## What is expected
Print exactly the lines from the one that contains "1. Cavity Milling" through the final line of the entries below, both included, and nothing else; omit the pictures.

[Dataset records]
================

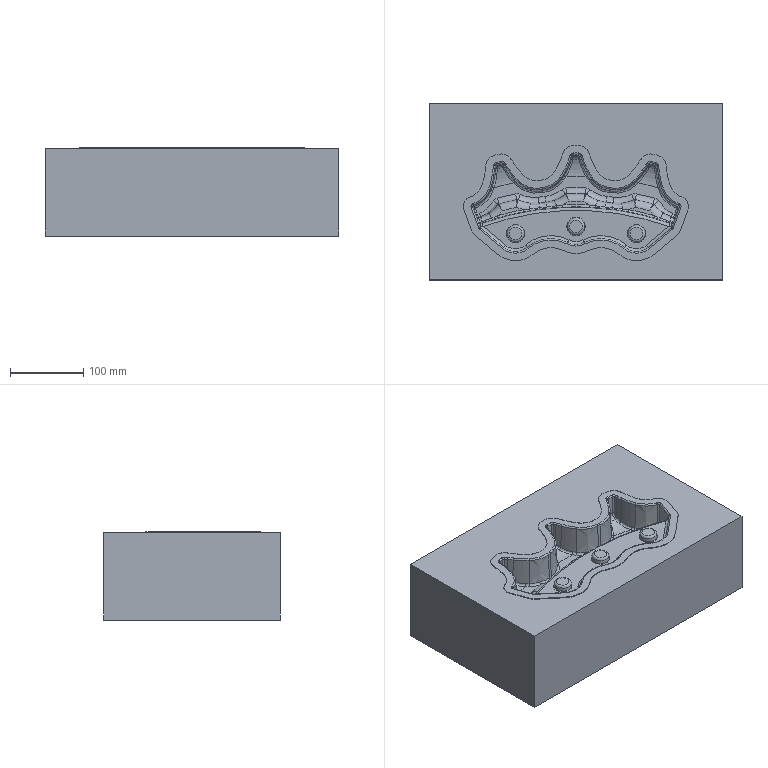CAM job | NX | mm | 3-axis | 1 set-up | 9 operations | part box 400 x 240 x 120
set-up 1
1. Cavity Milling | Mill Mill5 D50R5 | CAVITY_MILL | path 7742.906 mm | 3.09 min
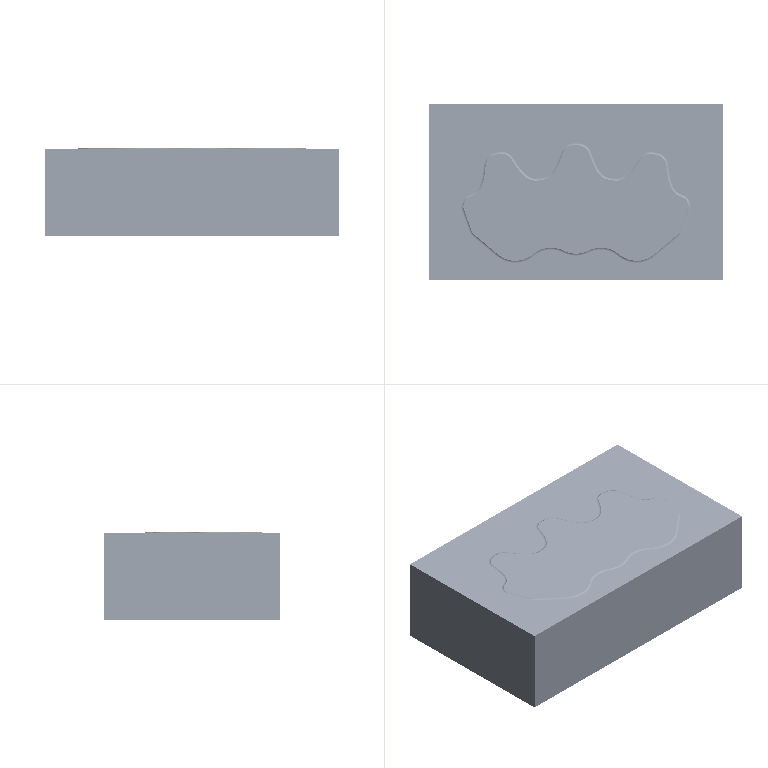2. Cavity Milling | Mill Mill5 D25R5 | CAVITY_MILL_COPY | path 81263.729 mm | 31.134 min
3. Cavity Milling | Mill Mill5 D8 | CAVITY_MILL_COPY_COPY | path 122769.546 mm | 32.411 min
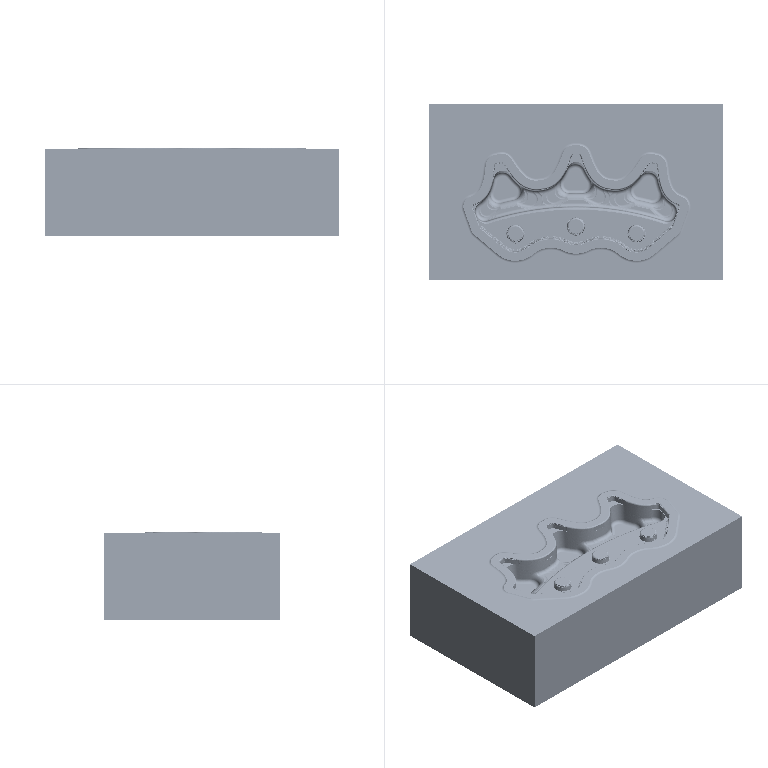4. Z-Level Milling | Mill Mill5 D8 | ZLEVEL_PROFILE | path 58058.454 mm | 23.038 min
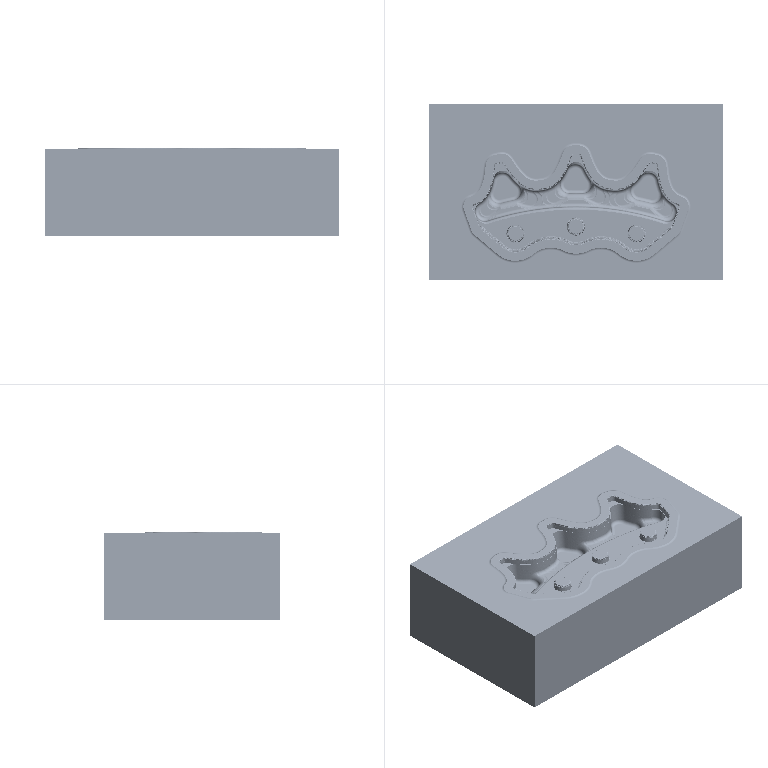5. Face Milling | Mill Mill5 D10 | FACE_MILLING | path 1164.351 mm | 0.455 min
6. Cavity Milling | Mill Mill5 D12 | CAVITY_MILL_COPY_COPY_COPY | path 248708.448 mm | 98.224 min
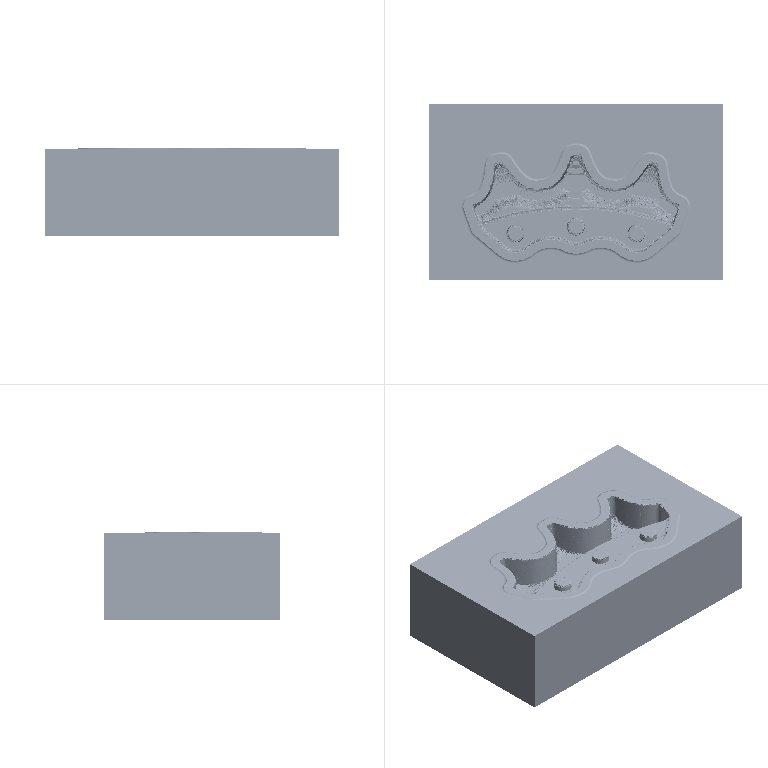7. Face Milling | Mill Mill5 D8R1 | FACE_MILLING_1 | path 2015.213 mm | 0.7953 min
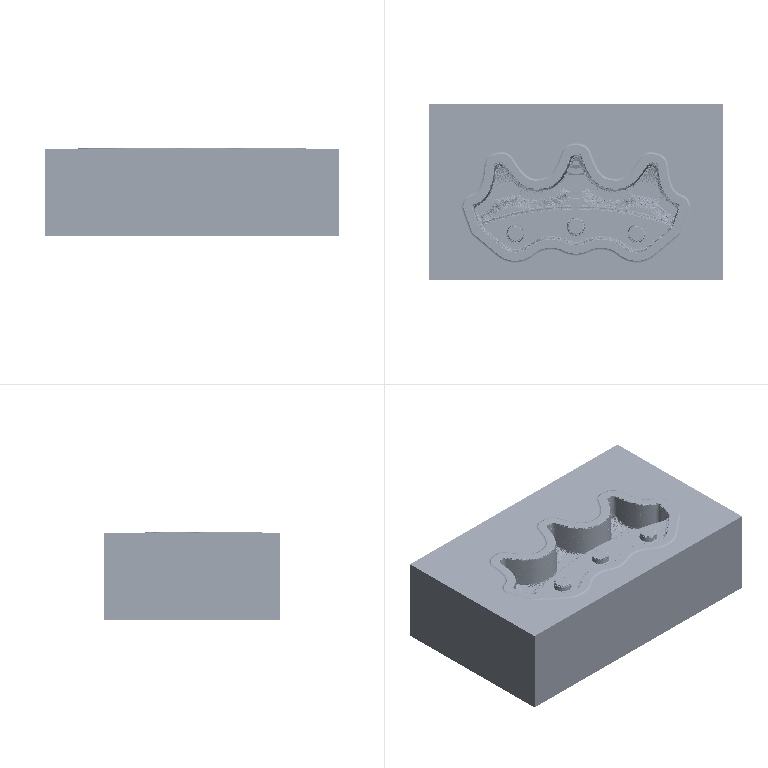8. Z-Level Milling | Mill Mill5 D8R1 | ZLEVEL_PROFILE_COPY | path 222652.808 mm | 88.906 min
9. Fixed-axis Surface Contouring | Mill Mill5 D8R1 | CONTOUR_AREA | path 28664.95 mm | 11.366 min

================

## Result
1. Cavity Milling | Mill Mill5 D50R5 | CAVITY_MILL | path 7742.906 mm | 3.09 min
2. Cavity Milling | Mill Mill5 D25R5 | CAVITY_MILL_COPY | path 81263.729 mm | 31.134 min
3. Cavity Milling | Mill Mill5 D8 | CAVITY_MILL_COPY_COPY | path 122769.546 mm | 32.411 min
4. Z-Level Milling | Mill Mill5 D8 | ZLEVEL_PROFILE | path 58058.454 mm | 23.038 min
5. Face Milling | Mill Mill5 D10 | FACE_MILLING | path 1164.351 mm | 0.455 min
6. Cavity Milling | Mill Mill5 D12 | CAVITY_MILL_COPY_COPY_COPY | path 248708.448 mm | 98.224 min
7. Face Milling | Mill Mill5 D8R1 | FACE_MILLING_1 | path 2015.213 mm | 0.7953 min
8. Z-Level Milling | Mill Mill5 D8R1 | ZLEVEL_PROFILE_COPY | path 222652.808 mm | 88.906 min
9. Fixed-axis Surface Contouring | Mill Mill5 D8R1 | CONTOUR_AREA | path 28664.95 mm | 11.366 min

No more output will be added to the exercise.